#### WHAT TO WORK ON:
Give back exactly the lines from the line that contains "#106=CARTESIAN_POINT('',(-8.472,-10.76,14.813));" to the last line of the listing below, inclusive, and no others.

#### SOURCE MATERIAL:
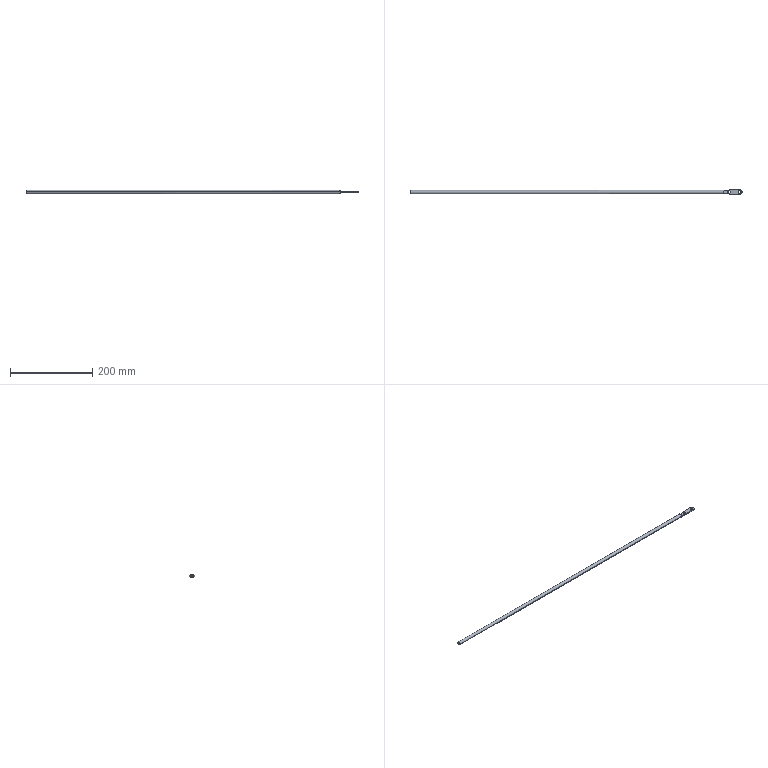Component | SolidWorks | FrontDoorAssembly-1_FrontDoorUpperLockRod-1 | 1 solid | 20 faces | box 806.5 x 13 x 8 mm | volume 39481 mm3 | plane 11 | cylinder 7 | cone 2 | commonest cylinder face diameters 6.5 x4 8 x2 13 x1
build123d program:
from build123d import *

# Parameters (mm, degrees)
SKETCH1_R           = 4
BOSS_EXTRUDE1_DEPTH = 806.5
CUT_EXTRUDE1_DEPTH  = 5
SKETCH3_W           = 42
SKETCH3_H           = 2.024
CUT_EXTRUDE2_DEPTH  = 10
BOSS_EXTRUDE2_DEPTH = 3
CUT_EXTRUDE3_DEPTH  = 3
SKETCH6_R           = 3.25
CUT_EXTRUDE4_DEPTH  = 3
CHAMFER1_SIZE       = 1.5


with BuildPart() as part:
    # Sketch1 → Boss-Extrude1 (new body)
    with BuildSketch(Plane(origin=(0, 0, 0), x_dir=(0, 0, -1), z_dir=(1, 0, 0))):
        Circle(SKETCH1_R)
    extrude(amount=-BOSS_EXTRUDE1_DEPTH)

    # Sketch2 → Cut-Extrude1 (cut, symmetric)
    with BuildSketch(Plane.XY):
        Polygon((-42, 1.5), (-45.678, 4), (-42, 4), (0, 4), (0, 1.5), align=None)
        Polygon((-45.678, -4), (-42, -4), (0, -4), (0, -1.5), (-42, -1.5), align=None)
    extrude(amount=CUT_EXTRUDE1_DEPTH, both=True, mode=Mode.SUBTRACT)

    # Sketch3 → Cut-Extrude2 (cut)
    with BuildSketch(Plane(origin=(0, 1.5, 0), x_dir=(1, 0, 0), z_dir=(0, 1, 0))):
        with Locations((-21, 2.988)):
            Rectangle(SKETCH3_W, SKETCH3_H)
        with Locations((-21, -2.988)):
            Rectangle(SKETCH3_W, SKETCH3_H)
    extrude(amount=-CUT_EXTRUDE2_DEPTH, mode=Mode.SUBTRACT)

    # Sketch4 → Boss-Extrude2 (add)
    with BuildSketch(Plane(origin=(0, 1.5, 0), x_dir=(1, 0, 0), z_dir=(0, 1, 0))):
        with BuildLine():
            Line((-42, -4), (-42, 4))
            Line((-42, 4), (-7.386, 6.439))
            ThreePointArc((-7.386, 6.439), (0, 0), (-7.386, -6.439))
            Line((-7.386, -6.439), (-42, -4))
        make_face()
    extrude(amount=-BOSS_EXTRUDE2_DEPTH)

    # Sketch5 → Cut-Extrude3 (cut)
    with BuildSketch(Plane(origin=(0, 1.5, 0), x_dir=(1, 0, 0), z_dir=(0, 1, 0))):
        with BuildLine():
            Line((-0.8017, 3.127), (2.344, 3.127))
            Line((2.344, 3.127), (2.344, -3.404))
            Line((2.344, -3.404), (-0.9628, -3.404))
            ThreePointArc((-0.9628, -3.404), (-0.001977, -0.1603), (-0.8017, 3.127))
        make_face()
    extrude(amount=-CUT_EXTRUDE3_DEPTH, mode=Mode.SUBTRACT)

    # Sketch6 → Cut-Extrude4 (cut)
    with BuildSketch(Plane(origin=(0, 1.5, 0), x_dir=(1, 0, 0), z_dir=(0, 1, 0))):
        with Locations(Location((-6, 0, 0), (0, 0, 180))):
            Circle(SKETCH6_R)
        with Locations(Location((-31, 0, 0), (0, 0, 180))):
            Circle(SKETCH6_R)
    extrude(amount=-CUT_EXTRUDE4_DEPTH, mode=Mode.SUBTRACT)

    # Chamfer1
    chamfer1_edges = [part.edges().sort_by_distance(p)[0] for p in [
        (-806.5, 0, 4),
    ]]
    chamfer(chamfer1_edges, length=CHAMFER1_SIZE)


solid = part.part

# Placed as in the assembly
solid = solid.moved(Location((-209.186, -273.299, 374.754), (90, 0, 0)))
STEP:
#1=CARTESIAN_POINT('',(-39.988,-10.858,14.754));
#2=VERTEX_POINT('',#1);
#3=CARTESIAN_POINT('',(-39.988,-10.661,14.754));
#4=VERTEX_POINT('',#3);
#5=CARTESIAN_POINT('',(-39.988,-10.76,14.754));
#6=DIRECTION('',(-1.,0.,0.));
#7=DIRECTION('',(0.,1.,0.));
#8=AXIS2_PLACEMENT_3D('',#5,#6,#7);
#9=CIRCLE('',#8,0.09843);
#10=EDGE_CURVE('',#2,#4,#9,.T.);
#11=ORIENTED_EDGE('',*,*,#10,.F.);
#12=CARTESIAN_POINT('',(-39.929,-10.917,14.754));
#13=VERTEX_POINT('',#12);
#14=CARTESIAN_POINT('',(-39.929,-10.917,14.754));
#15=DIRECTION('',(0.7071,-0.7071,-0.));
#16=VECTOR('',#15,39.37);
#17=LINE('',#14,#16);
#18=EDGE_CURVE('',#2,#13,#17,.T.);
#19=ORIENTED_EDGE('',*,*,#18,.T.);
#20=CARTESIAN_POINT('',(-39.929,-10.602,14.754));
#21=VERTEX_POINT('',#20);
#22=CARTESIAN_POINT('',(-39.929,-10.76,14.754));
#23=DIRECTION('',(1.,-0.,-0.));
#24=DIRECTION('',(0.,1.,0.));
#25=AXIS2_PLACEMENT_3D('',#22,#23,#24);
#26=CIRCLE('',#25,0.1575);
#27=EDGE_CURVE('',#21,#13,#26,.T.);
#28=ORIENTED_EDGE('',*,*,#27,.F.);
#29=CARTESIAN_POINT('',(-39.929,-10.602,14.754));
#30=DIRECTION('',(0.7071,0.7071,-0.));
#31=VECTOR('',#30,39.37);
#32=LINE('',#29,#31);
#33=EDGE_CURVE('',#4,#21,#32,.T.);
#34=ORIENTED_EDGE('',*,*,#33,.F.);
#35=EDGE_LOOP('',(#11,#19,#28,#34));
#36=FACE_OUTER_BOUND('',#35,.T.);
#37=CARTESIAN_POINT('',(-39.929,-10.76,14.754));
#38=DIRECTION('',(1.,-0.,-0.));
#39=DIRECTION('',(0.,1.,0.));
#40=AXIS2_PLACEMENT_3D('',#37,#38,#39);
#41=CONICAL_SURFACE('',#40,0.1575,0.7854);
#42=ADVANCED_FACE('',(#36),#41,.T.);
#43=CARTESIAN_POINT('',(-9.328,-10.76,14.695));
#44=VERTEX_POINT('',#43);
#45=CARTESIAN_POINT('',(-9.584,-10.76,14.695));
#46=VERTEX_POINT('',#45);
#47=CARTESIAN_POINT('',(-9.456,-10.76,14.695));
#48=DIRECTION('',(0.,-0.,1.));
#49=DIRECTION('',(-1.,0.,0.));
#50=AXIS2_PLACEMENT_3D('',#47,#48,#49);
#51=CIRCLE('',#50,0.128);
#52=EDGE_CURVE('',#44,#46,#51,.T.);
#53=ORIENTED_EDGE('',*,*,#52,.F.);
#54=CARTESIAN_POINT('',(-9.328,-10.76,14.813));
#55=VERTEX_POINT('',#54);
#56=CARTESIAN_POINT('',(-9.328,-10.76,14.695));
#57=DIRECTION('',(0.,-0.,1.));
#58=VECTOR('',#57,39.37);
#59=LINE('',#56,#58);
#60=EDGE_CURVE('',#44,#55,#59,.T.);
#61=ORIENTED_EDGE('',*,*,#60,.T.);
#62=CARTESIAN_POINT('',(-9.584,-10.76,14.813));
#63=VERTEX_POINT('',#62);
#64=CARTESIAN_POINT('',(-9.456,-10.76,14.813));
#65=DIRECTION('',(0.,-0.,1.));
#66=DIRECTION('',(-1.,0.,0.));
#67=AXIS2_PLACEMENT_3D('',#64,#65,#66);
#68=CIRCLE('',#67,0.128);
#69=EDGE_CURVE('',#55,#63,#68,.T.);
#70=ORIENTED_EDGE('',*,*,#69,.T.);
#71=CARTESIAN_POINT('',(-9.584,-10.76,14.695));
#72=DIRECTION('',(0.,-0.,1.));
#73=VECTOR('',#72,39.37);
#74=LINE('',#71,#73);
#75=EDGE_CURVE('',#46,#63,#74,.T.);
#76=ORIENTED_EDGE('',*,*,#75,.F.);
#77=EDGE_LOOP('',(#53,#61,#70,#76));
#78=FACE_OUTER_BOUND('',#77,.T.);
#79=CARTESIAN_POINT('',(-9.456,-10.76,14.695));
#80=DIRECTION('',(0.,-0.,1.));
#81=DIRECTION('',(-1.,0.,0.));
#82=AXIS2_PLACEMENT_3D('',#79,#80,#81);
#83=CYLINDRICAL_SURFACE('',#82,0.128);
#84=ADVANCED_FACE('',(#78),#83,.F.);
#85=CARTESIAN_POINT('',(-8.344,-10.76,14.695));
#86=VERTEX_POINT('',#85);
#87=CARTESIAN_POINT('',(-8.6,-10.76,14.695));
#88=VERTEX_POINT('',#87);
#89=CARTESIAN_POINT('',(-8.472,-10.76,14.695));
#90=DIRECTION('',(0.,-0.,1.));
#91=DIRECTION('',(-1.,0.,0.));
#92=AXIS2_PLACEMENT_3D('',#89,#90,#91);
#93=CIRCLE('',#92,0.128);
#94=EDGE_CURVE('',#86,#88,#93,.T.);
#95=ORIENTED_EDGE('',*,*,#94,.F.);
#96=CARTESIAN_POINT('',(-8.344,-10.76,14.813));
#97=VERTEX_POINT('',#96);
#98=CARTESIAN_POINT('',(-8.344,-10.76,14.695));
#99=DIRECTION('',(0.,-0.,1.));
#100=VECTOR('',#99,39.37);
#101=LINE('',#98,#100);
#102=EDGE_CURVE('',#86,#97,#101,.T.);
#103=ORIENTED_EDGE('',*,*,#102,.T.);
#104=CARTESIAN_POINT('',(-8.6,-10.76,14.813));
#105=VERTEX_POINT('',#104);
#106=CARTESIAN_POINT('',(-8.472,-10.76,14.813));
#107=DIRECTION('',(0.,-0.,1.));
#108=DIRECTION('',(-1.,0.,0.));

#### EXERCISE ANSWER:
#106=CARTESIAN_POINT('',(-8.472,-10.76,14.813));
#107=DIRECTION('',(0.,-0.,1.));
#108=DIRECTION('',(-1.,0.,0.));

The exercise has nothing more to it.